- [AIM OF THE TASK]
Read the entries below and pull out each line with the string "import".

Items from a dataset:

_ _ _ _ _

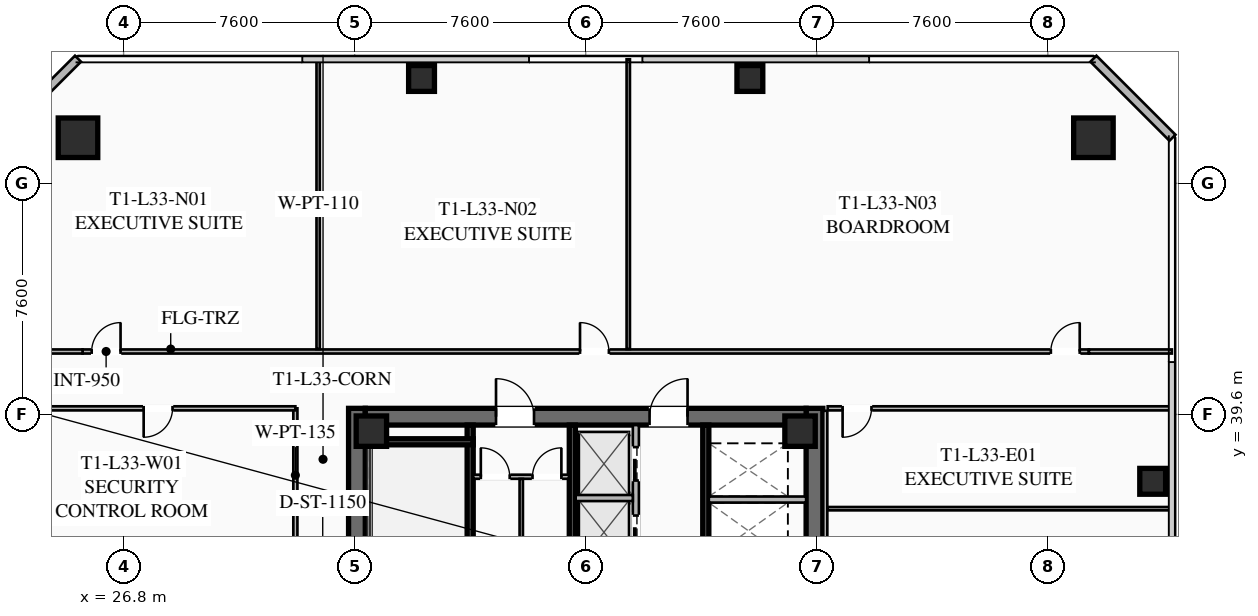
"""IFC4 building model, lengths in metres.
Left out: names, types, materials, properties, quantities, classifications, styles, units other than length and angle.
Written with IfcOpenShell. Run it as: python <this file> out.ifc"""

import sys

from ifc_helpers import new_model, si_unit, direction, frame, frame_2d, origin, origin_2d, place, context, subcontext, project, spatial, rectangle, hollow_rectangle, extrude, element, fill, save


model = new_model("IFC4")
c1 = context("Model", 3, precision=1e-05, world=origin(), true_north=direction((0.0, 1.0)))
c2 = subcontext(c1, "Body", "Model", "MODEL_VIEW")
j1 = project(units=[si_unit("LENGTHUNIT", "METRE"), si_unit("PLANEANGLEUNIT", "RADIAN")], contexts=[c1])
p1 = place(None, origin())
s1 = spatial("IfcSite", under=j1, at=p1, CompositionType="ELEMENT")
p2 = place(p1, origin())
s2 = spatial("IfcBuilding", under=s1, at=p2, CompositionType="ELEMENT")
p3 = place(p2, frame((0.0, 0.0, 125.05)))
s3 = spatial("IfcBuildingStorey", under=s2, at=p3, CompositionType="ELEMENT", Elevation=125.05)
for number, where, z_axis, x_axis in (
    (1, (34.475, 24.2, 0.0), (0.0, 0.0, 1.0), (0.0, 1.0, 0.0)),
    (2, (49.525, 39.8, 0.0), (0.0, 0.0, 1.0), (0.0, -1.0, 0.0)),
):
    element("IfcWall", number, at=place(p3, frame(where, z_axis=z_axis, x_axis=x_axis)), inside=s3, PredefinedType="SHEAR", context=c2, shape_type="SweptSolid", body=[
        extrude(rectangle(XDim=15.6, YDim=0.55, at=frame_2d((7.8, 0.0))), origin(), (0.0, 0.0, 1.0), 3.55),
    ])
p4 = place(p3, frame((34.75, 39.525, 0.0), z_axis=(0.0, 0.0, 1.0), x_axis=(1.0, 0.0, 0.0)))
e3 = element("IfcWall", 3, at=p4, inside=s3, PredefinedType="SHEAR", context=c2, shape_type="SweptSolid", body=[
    extrude(rectangle(XDim=14.5, YDim=0.55, at=frame_2d((7.25, 0.0))), origin(), (0.0, 0.0, 1.0), 3.55),
])
p5 = place(p4, frame((4.3, 0.0, 0.0)))
e4 = element("IfcOpeningElement", 4, at=p5, cuts=e3, PredefinedType="OPENING", context=c2, shape_type="SweptSolid", body=[
    extrude(rectangle(XDim=1.25, YDim=2.25, at=frame_2d((0.625, 1.125))), frame((0.0, 0.285, 0.0), z_axis=(0.0, -1.0, 0.0), x_axis=(1.0, 0.0, 0.0)), (0.0, 0.0, 1.0), 0.57),
])
p6 = place(p4, frame((9.35, 0.0, 0.0)))
e5 = element("IfcOpeningElement", 5, at=p6, cuts=e3, PredefinedType="OPENING", context=c2, shape_type="SweptSolid", body=[
    extrude(rectangle(XDim=1.25, YDim=2.25, at=frame_2d((0.625, 1.125))), frame((0.0, 0.285, 0.0), z_axis=(0.0, -1.0, 0.0), x_axis=(1.0, 0.0, 0.0)), (0.0, 0.0, 1.0), 0.57),
])
for number, where, z_axis, x_axis in (
    (6, (49.05, 39.05, 0.0), (0.0, 0.0, 1.0), (1.0, 0.0, 0.0)),
    (7, (34.95, 39.05, 0.0), (0.0, 0.0, 1.0), (1.0, 0.0, 0.0)),
):
    element("IfcColumn", number, at=place(p3, frame(where, z_axis=z_axis, x_axis=x_axis)), inside=s3, PredefinedType="COLUMN", context=c2, shape_type="SweptSolid", body=[
        extrude(hollow_rectangle(XDim=1.0, YDim=1.0, WallThickness=0.04, at=origin_2d()), origin(), (0.0, 0.0, 1.0), 3.37),
    ])
for number, where, z_axis, x_axis in (
    (8, (58.7, 48.7, 0.0), (0.0, 0.0, 1.0), (1.0, 0.0, 0.0)),
    (9, (25.3, 48.7, 0.0), (0.0, 0.0, 1.0), (1.0, 0.0, 0.0)),
):
    element("IfcColumn", number, at=place(p3, frame(where, z_axis=z_axis, x_axis=x_axis)), inside=s3, PredefinedType="COLUMN", context=c2, shape_type="SweptSolid", body=[
        extrude(hollow_rectangle(XDim=1.3, YDim=1.3, WallThickness=0.05, at=origin_2d()), origin(), (0.0, 0.0, 1.0), 3.37),
    ])
for number, where, z_axis, x_axis in (
    (10, (60.65, 37.4, 0.0), (0.0, 0.0, 1.0), (1.0, 0.0, 0.0)),
    (11, (47.4, 50.65, 0.0), (0.0, 0.0, 1.0), (1.0, 0.0, 0.0)),
    (12, (36.6, 50.65, 0.0), (0.0, 0.0, 1.0), (1.0, 0.0, 0.0)),
):
    element("IfcColumn", number, at=place(p3, frame(where, z_axis=z_axis, x_axis=x_axis)), inside=s3, PredefinedType="COLUMN", context=c2, shape_type="SweptSolid", body=[
        extrude(hollow_rectangle(XDim=0.85, YDim=0.85, WallThickness=0.035, at=origin_2d()), origin(), (0.0, 0.0, 1.0), 3.37),
    ])
for number, where, z_axis, x_axis in (
    (13, (22.7, 48.7, 0.0), (0.0, 0.0, 1.0), (0.707, 0.707, 0.0)),
    (14, (58.7, 51.3, 0.0), (0.0, 0.0, 1.0), (0.707, -0.707, 0.0)),
):
    element("IfcWall", number, at=place(p3, frame(where, z_axis=z_axis, x_axis=x_axis)), inside=s3, PredefinedType="SOLIDWALL", context=c2, shape_type="SweptSolid", body=[
        extrude(rectangle(XDim=3.677, YDim=0.28, at=frame_2d((1.838, 0.0))), origin(), (0.0, 0.0, 1.0), 3.37),
    ])
p7 = place(p3, frame((38.2, 31.2, 0.0), z_axis=(0.0, 0.0, 1.0), x_axis=(0.0, 1.0, 0.0)))
e15 = element("IfcWall", 15, at=p7, inside=s3, PredefinedType="SHEAR", context=c2, shape_type="SweptSolid", body=[
    extrude(rectangle(XDim=8.05, YDim=0.2, at=frame_2d((4.025, 0.0))), origin(), (0.0, 0.0, 1.0), 3.37),
])
p8 = place(p7, frame((0.45, 0.0, 0.0)))
e16 = element("IfcOpeningElement", 16, at=p8, cuts=e15, PredefinedType="OPENING", context=c2, shape_type="SweptSolid", body=[
    extrude(rectangle(XDim=1.15, YDim=2.2, at=frame_2d((0.575, 1.1))), frame((0.0, 0.11, 0.0), z_axis=(0.0, -1.0, 0.0), x_axis=(1.0, 0.0, 0.0)), (0.0, 0.0, 1.0), 0.22),
])
p9 = place(p3, frame((34.75, 38.7, 0.0), z_axis=(0.0, 0.0, 1.0), x_axis=(1.0, 0.0, 0.0)))
e17 = element("IfcWall", 17, at=p9, inside=s3, PredefinedType="SHEAR", context=c2, shape_type="SweptSolid", body=[
    extrude(rectangle(XDim=3.55, YDim=0.2, at=frame_2d((1.775, 0.0))), origin(), (0.0, 0.0, 1.0), 3.37),
])
p10 = place(p3, frame((41.56, 24.75, 0.0), z_axis=(0.0, 0.0, 1.0), x_axis=(0.0, 1.0, 0.0)))
e18 = element("IfcWall", 18, at=p10, inside=s3, PredefinedType="SHEAR", context=c2, shape_type="SweptSolid", body=[
    extrude(rectangle(XDim=14.5, YDim=0.2, at=frame_2d((7.25, 0.0))), origin(), (0.0, 0.0, 1.0), 3.37),
])
p11 = place(p3, frame((45.95, 39.25, 0.0), z_axis=(0.0, 0.0, 1.0), x_axis=(0.0, -1.0, 0.0)))
e19 = element("IfcWall", 19, at=p11, inside=s3, PredefinedType="SHEAR", context=c2, shape_type="SweptSolid", body=[
    extrude(rectangle(XDim=6.45, YDim=0.2, at=frame_2d((3.225, 0.0))), origin(), (0.0, 0.0, 1.0), 3.37),
])
p12 = place(p3, frame((46.05, 36.8, 0.0), z_axis=(0.0, 0.0, 1.0), x_axis=(1.0, 0.0, 0.0)))
e20 = element("IfcWall", 20, at=p12, inside=s3, PredefinedType="SOLIDWALL", context=c2, shape_type="SweptSolid", body=[
    extrude(rectangle(XDim=3.2, YDim=0.2, at=frame_2d((1.6, 0.0))), origin(), (0.0, 0.0, 1.0), 3.37),
])
p13 = place(p3, frame((38.3, 37.55, 0.0), z_axis=(0.0, 0.0, 1.0), x_axis=(1.0, 0.0, 0.0)))
e21 = element("IfcWall", 21, at=p13, inside=s3, PredefinedType="PARTITIONING", context=c2, shape_type="SweptSolid", body=[
    extrude(rectangle(XDim=3.15, YDim=0.135, at=frame_2d((1.575, 0.0))), origin(), (0.0, 0.0, 1.0), 2.723),
])
p14 = place(p13, frame((0.25, 0.0, 0.0)))
e22 = element("IfcOpeningElement", 22, at=p14, cuts=e21, PredefinedType="OPENING", context=c2, shape_type="SweptSolid", body=[
    extrude(rectangle(XDim=0.95, YDim=2.05, at=frame_2d((0.475, 1.025))), frame((0.0, 0.077, 0.0), z_axis=(0.0, -1.0, 0.0), x_axis=(1.0, 0.0, 0.0)), (0.0, 0.0, 1.0), 0.155),
])
p15 = place(p13, frame((1.95, 0.0, 0.0)))
e23 = element("IfcOpeningElement", 23, at=p15, cuts=e21, PredefinedType="OPENING", context=c2, shape_type="SweptSolid", body=[
    extrude(rectangle(XDim=0.95, YDim=2.05, at=frame_2d((0.475, 1.025))), frame((0.0, 0.077, 0.0), z_axis=(0.0, -1.0, 0.0), x_axis=(1.0, 0.0, 0.0)), (0.0, 0.0, 1.0), 0.155),
])
p16 = place(p3, frame((39.88, 33.68, 0.0), z_axis=(0.0, 0.0, 1.0), x_axis=(0.0, 1.0, 0.0)))
e24 = element("IfcWall", 24, at=p16, inside=s3, PredefinedType="PARTITIONING", context=c2, shape_type="SweptSolid", body=[
    extrude(rectangle(XDim=3.8, YDim=0.11, at=frame_2d((1.9, 0.0))), origin(), (0.0, 0.0, 1.0), 2.723),
])
p17 = place(p3, frame((43.65, 32.35, 0.0), z_axis=(0.0, 0.0, 1.0), x_axis=(0.0, 1.0, 0.0)))
e25 = element("IfcWall", 25, at=p17, inside=s3, PredefinedType="SOLIDWALL", context=c2, shape_type="SweptSolid", body=[
    extrude(rectangle(XDim=6.9, YDim=0.2, at=frame_2d((3.45, 0.0))), origin(), (0.0, 0.0, 1.0), 3.37),
])
p18 = place(p17, frame((0.575, 0.0, 0.0)))
e26 = element("IfcOpeningElement", 26, at=p18, cuts=e25, PredefinedType="OPENING", context=c2, shape_type="SweptSolid", body=[
    extrude(rectangle(XDim=1.1, YDim=2.2, at=frame_2d((0.55, 1.1))), frame((0.0, 0.11, 0.0), z_axis=(0.0, -1.0, 0.0), x_axis=(1.0, 0.0, 0.0)), (0.0, 0.0, 1.0), 0.22),
])
p19 = place(p17, frame((2.825, 0.0, 0.0)))
e27 = element("IfcOpeningElement", 27, at=p19, cuts=e25, PredefinedType="OPENING", context=c2, shape_type="SweptSolid", body=[
    extrude(rectangle(XDim=1.1, YDim=2.2, at=frame_2d((0.55, 1.1))), frame((0.0, 0.11, 0.0), z_axis=(0.0, -1.0, 0.0), x_axis=(1.0, 0.0, 0.0)), (0.0, 0.0, 1.0), 0.22),
])
p20 = place(p17, frame((5.075, 0.0, 0.0)))
e28 = element("IfcOpeningElement", 28, at=p20, cuts=e25, PredefinedType="OPENING", context=c2, shape_type="SweptSolid", body=[
    extrude(rectangle(XDim=1.1, YDim=2.2, at=frame_2d((0.55, 1.1))), frame((0.0, 0.11, 0.0), z_axis=(0.0, -1.0, 0.0), x_axis=(1.0, 0.0, 0.0)), (0.0, 0.0, 1.0), 0.22),
])
p21 = place(p3, frame((41.67, 36.85, 0.0), z_axis=(0.0, 0.0, 1.0), x_axis=(1.0, 0.0, 0.0)))
e29 = element("IfcWall", 29, at=p21, inside=s3, PredefinedType="SOLIDWALL", context=c2, shape_type="SweptSolid", body=[
    extrude(rectangle(XDim=1.88, YDim=0.2, at=frame_2d((0.94, 0.0))), origin(), (0.0, 0.0, 1.0), 3.37),
])
p22 = place(p3, frame((32.45, 35.4, 0.0), z_axis=(0.0, 0.0, 1.0), x_axis=(0.0, 1.0, 0.0)))
e30 = element("IfcWall", 30, at=p22, inside=s3, PredefinedType="PARTITIONING", context=c2, shape_type="SweptSolid", body=[
    extrude(rectangle(XDim=4.4, YDim=0.135, at=frame_2d((2.2, 0.0))), origin(), (0.0, 0.0, 1.0), 2.723),
])
p23 = place(p3, frame((25.45, 41.67, 0.0), z_axis=(0.0, 0.0, 1.0), x_axis=(1.0, 0.0, 0.0)))
e31 = element("IfcWall", 31, at=p23, inside=s3, PredefinedType="PARTITIONING", context=c2, shape_type="SweptSolid", body=[
    extrude(rectangle(XDim=33.1, YDim=0.135, at=frame_2d((16.55, 0.0))), origin(), (0.0, 0.0, 1.0), 2.723),
])
p24 = place(p23, frame((0.3, 0.0, 0.0)))
e32 = element("IfcOpeningElement", 32, at=p24, cuts=e31, PredefinedType="OPENING", context=c2, shape_type="SweptSolid", body=[
    extrude(rectangle(XDim=0.95, YDim=2.05, at=frame_2d((0.475, 1.025))), frame((0.0, 0.077, 0.0), z_axis=(0.0, -1.0, 0.0), x_axis=(1.0, 0.0, 0.0)), (0.0, 0.0, 1.0), 0.155),
])
p25 = place(p23, frame((16.363, 0.0, 0.0)))
e33 = element("IfcOpeningElement", 33, at=p25, cuts=e31, PredefinedType="OPENING", context=c2, shape_type="SweptSolid", body=[
    extrude(rectangle(XDim=0.95, YDim=2.05, at=frame_2d((0.475, 1.025))), frame((0.0, 0.077, 0.0), z_axis=(0.0, -1.0, 0.0), x_axis=(1.0, 0.0, 0.0)), (0.0, 0.0, 1.0), 0.155),
])
p26 = place(p23, frame((31.85, 0.0, 0.0)))
e34 = element("IfcOpeningElement", 34, at=p26, cuts=e31, PredefinedType="OPENING", context=c2, shape_type="SweptSolid", body=[
    extrude(rectangle(XDim=0.95, YDim=2.05, at=frame_2d((0.475, 1.025))), frame((0.0, 0.077, 0.0), z_axis=(0.0, -1.0, 0.0), x_axis=(1.0, 0.0, 0.0)), (0.0, 0.0, 1.0), 0.155),
])
for number, where, z_axis, x_axis in (
    (35, (22.72, 41.67, 0.0), (0.0, 0.0, 1.0), (1.0, 0.0, 0.0)),
    (36, (58.55, 41.67, 0.0), (0.0, 0.0, 1.0), (1.0, 0.0, 0.0)),
):
    element("IfcWall", number, at=place(p3, frame(where, z_axis=z_axis, x_axis=x_axis)), inside=s3, PredefinedType="PARTITIONING", context=c2, shape_type="SweptSolid", body=[
        extrude(rectangle(XDim=2.73, YDim=0.135, at=frame_2d((1.365, 0.0))), origin(), (0.0, 0.0, 1.0), 2.723),
    ])
for number, where, z_axis, x_axis in (
    (37, (33.2, 41.75, 0.0), (0.0, 0.0, 1.0), (0.0, 1.0, 0.0)),
    (38, (43.4, 41.75, 0.0), (0.0, 0.0, 1.0), (0.0, 1.0, 0.0)),
):
    element("IfcWall", number, at=place(p3, frame(where, z_axis=z_axis, x_axis=x_axis)), inside=s3, PredefinedType="PARTITIONING", context=c2, shape_type="SweptSolid", body=[
        extrude(rectangle(XDim=9.53, YDim=0.11, at=frame_2d((4.765, 0.0))), origin(), (0.0, 0.0, 1.0), 2.723),
    ])
p27 = place(p3, frame((49.88, 39.72, 0.0), z_axis=(0.0, 0.0, 1.0), x_axis=(0.0, -1.0, 0.0)))
e39 = element("IfcWall", 39, at=p27, inside=s3, PredefinedType="PARTITIONING", context=c2, shape_type="SweptSolid", body=[
    extrude(rectangle(XDim=15.44, YDim=0.135, at=frame_2d((7.72, 0.0))), origin(), (0.0, 0.0, 1.0), 2.723),
])
p28 = place(p3, frame((61.28, 39.8, 0.0), z_axis=(0.0, 0.0, 1.0), x_axis=(-1.0, 0.0, 0.0)))
e40 = element("IfcWall", 40, at=p28, inside=s3, PredefinedType="PARTITIONING", context=c2, shape_type="SweptSolid", body=[
    extrude(rectangle(XDim=11.32, YDim=0.135, at=frame_2d((5.66, 0.0))), origin(), (0.0, 0.0, 1.0), 2.723),
])
p29 = place(p28, frame((9.88, 0.0, 0.0)))
e41 = element("IfcOpeningElement", 41, at=p29, cuts=e40, PredefinedType="OPENING", context=c2, shape_type="SweptSolid", body=[
    extrude(rectangle(XDim=0.95, YDim=2.05, at=frame_2d((0.475, 1.025))), frame((0.0, 0.077, 0.0), z_axis=(0.0, -1.0, 0.0), x_axis=(1.0, 0.0, 0.0)), (0.0, 0.0, 1.0), 0.155),
])
p30 = place(p3, frame((49.96, 36.5, 0.0), z_axis=(0.0, 0.0, 1.0), x_axis=(1.0, 0.0, 0.0)))
e42 = element("IfcWall", 42, at=p30, inside=s3, PredefinedType="PARTITIONING", context=c2, shape_type="SweptSolid", body=[
    extrude(rectangle(XDim=11.32, YDim=0.11, at=frame_2d((5.66, 0.0))), origin(), (0.0, 0.0, 1.0), 2.723),
])
p31 = place(p3, frame((32.45, 39.8, 0.0), z_axis=(0.0, 0.0, 1.0), x_axis=(-1.0, 0.0, 0.0)))
e43 = element("IfcWall", 43, at=p31, inside=s3, PredefinedType="PARTITIONING", context=c2, shape_type="SweptSolid", body=[
    extrude(rectangle(XDim=9.73, YDim=0.135, at=frame_2d((4.865, 0.0))), origin(), (0.0, 0.0, 1.0), 2.723),
])
p32 = place(p31, frame((4.04, 0.0, 0.0)))
e44 = element("IfcOpeningElement", 44, at=p32, cuts=e43, PredefinedType="OPENING", context=c2, shape_type="SweptSolid", body=[
    extrude(rectangle(XDim=0.95, YDim=2.05, at=frame_2d((0.475, 1.025))), frame((0.0, 0.077, 0.0), z_axis=(0.0, -1.0, 0.0), x_axis=(1.0, 0.0, 0.0)), (0.0, 0.0, 1.0), 0.155),
])
p33 = place(p5, origin())
e45 = element("IfcDoor", 45, at=p33, inside=s3, OperationType="SINGLE_SWING_LEFT", PredefinedType="DOOR", context=c2, shape_type="SweptSolid", body=[
    extrude(rectangle(XDim=1.25, YDim=2.25, at=frame_2d((0.625, 1.125))), frame((0.0, 0.025, 0.0), z_axis=(0.0, -1.0, 0.0), x_axis=(1.0, 0.0, 0.0)), (0.0, 0.0, 1.0), 0.05),
])
fill(e4, e45)
p34 = place(p6, origin())
e46 = element("IfcDoor", 46, at=p34, inside=s3, OperationType="SINGLE_SWING_RIGHT", PredefinedType="DOOR", context=c2, shape_type="SweptSolid", body=[
    extrude(rectangle(XDim=1.25, YDim=2.25, at=frame_2d((0.625, 1.125))), frame((0.0, 0.025, 0.0), z_axis=(0.0, -1.0, 0.0), x_axis=(1.0, 0.0, 0.0)), (0.0, 0.0, 1.0), 0.05),
])
fill(e5, e46)
p35 = place(p14, origin())
e47 = element("IfcDoor", 47, at=p35, inside=s3, OperationType="SINGLE_SWING_LEFT", PredefinedType="DOOR", context=c2, shape_type="SweptSolid", body=[
    extrude(rectangle(XDim=0.95, YDim=2.05, at=frame_2d((0.475, 1.025))), frame((0.0, 0.025, 0.0), z_axis=(0.0, -1.0, 0.0), x_axis=(1.0, 0.0, 0.0)), (0.0, 0.0, 1.0), 0.05),
])
fill(e22, e47)
p36 = place(p15, origin())
e48 = element("IfcDoor", 48, at=p36, inside=s3, OperationType="SINGLE_SWING_RIGHT", PredefinedType="DOOR", context=c2, shape_type="SweptSolid", body=[
    extrude(rectangle(XDim=0.95, YDim=2.05, at=frame_2d((0.475, 1.025))), frame((0.0, 0.025, 0.0), z_axis=(0.0, -1.0, 0.0), x_axis=(1.0, 0.0, 0.0)), (0.0, 0.0, 1.0), 0.05),
])
fill(e23, e48)
p37 = place(p24, origin())
e49 = element("IfcDoor", 49, at=p37, inside=s3, OperationType="SINGLE_SWING_RIGHT", PredefinedType="DOOR", context=c2, shape_type="SweptSolid", body=[
    extrude(rectangle(XDim=0.95, YDim=2.05, at=frame_2d((0.475, 1.025))), frame((0.0, 0.025, 0.0), z_axis=(0.0, -1.0, 0.0), x_axis=(1.0, 0.0, 0.0)), (0.0, 0.0, 1.0), 0.05),
])
fill(e32, e49)
p38 = place(p25, origin())
e50 = element("IfcDoor", 50, at=p38, inside=s3, OperationType="SINGLE_SWING_LEFT", PredefinedType="DOOR", context=c2, shape_type="SweptSolid", body=[
    extrude(rectangle(XDim=0.95, YDim=2.05, at=frame_2d((0.475, 1.025))), frame((0.0, 0.025, 0.0), z_axis=(0.0, -1.0, 0.0), x_axis=(1.0, 0.0, 0.0)), (0.0, 0.0, 1.0), 0.05),
])
fill(e33, e50)
p39 = place(p26, origin())
e51 = element("IfcDoor", 51, at=p39, inside=s3, OperationType="SINGLE_SWING_RIGHT", PredefinedType="DOOR", context=c2, shape_type="SweptSolid", body=[
    extrude(rectangle(XDim=0.95, YDim=2.05, at=frame_2d((0.475, 1.025))), frame((0.0, 0.025, 0.0), z_axis=(0.0, -1.0, 0.0), x_axis=(1.0, 0.0, 0.0)), (0.0, 0.0, 1.0), 0.05),
])
fill(e34, e51)
p40 = place(p29, origin())
e52 = element("IfcDoor", 52, at=p40, inside=s3, OperationType="SINGLE_SWING_RIGHT", PredefinedType="DOOR", context=c2, shape_type="SweptSolid", body=[
    extrude(rectangle(XDim=0.95, YDim=2.05, at=frame_2d((0.475, 1.025))), frame((0.0, 0.025, 0.0), z_axis=(0.0, -1.0, 0.0), x_axis=(1.0, 0.0, 0.0)), (0.0, 0.0, 1.0), 0.05),
])
fill(e41, e52)
p41 = place(p32, origin())
e53 = element("IfcDoor", 53, at=p41, inside=s3, OperationType="SINGLE_SWING_RIGHT", PredefinedType="DOOR", context=c2, shape_type="SweptSolid", body=[
    extrude(rectangle(XDim=0.95, YDim=2.05, at=frame_2d((0.475, 1.025))), frame((0.0, 0.025, 0.0), z_axis=(0.0, -1.0, 0.0), x_axis=(1.0, 0.0, 0.0)), (0.0, 0.0, 1.0), 0.05),
])
fill(e44, e53)
p42 = place(p19, origin())
e54 = element("IfcDoor", 54, at=p42, inside=s3, OperationType="SLIDING_TO_LEFT", PredefinedType="DOOR", context=c2, shape_type="SweptSolid", body=[
    extrude(rectangle(XDim=1.1, YDim=2.2, at=frame_2d((0.55, 1.1))), frame((0.0, 0.025, 0.0), z_axis=(0.0, -1.0, 0.0), x_axis=(1.0, 0.0, 0.0)), (0.0, 0.0, 1.0), 0.05),
])
fill(e27, e54)
p43 = place(p20, origin())
e55 = element("IfcDoor", 55, at=p43, inside=s3, OperationType="SLIDING_TO_LEFT", PredefinedType="DOOR", context=c2, shape_type="SweptSolid", body=[
    extrude(rectangle(XDim=1.1, YDim=2.2, at=frame_2d((0.55, 1.1))), frame((0.0, 0.025, 0.0), z_axis=(0.0, -1.0, 0.0), x_axis=(1.0, 0.0, 0.0)), (0.0, 0.0, 1.0), 0.05),
])
fill(e28, e55)
save(model, sys.argv[1])

_ _ _ _ _

- [WRITTEN REPLY]
import sys
from ifc_helpers import new_model, si_unit, direction, frame, frame_2d, origin, origin_2d, place, context, subcontext, project, spatial, rectangle, hollow_rectangle, extrude, element, fill, save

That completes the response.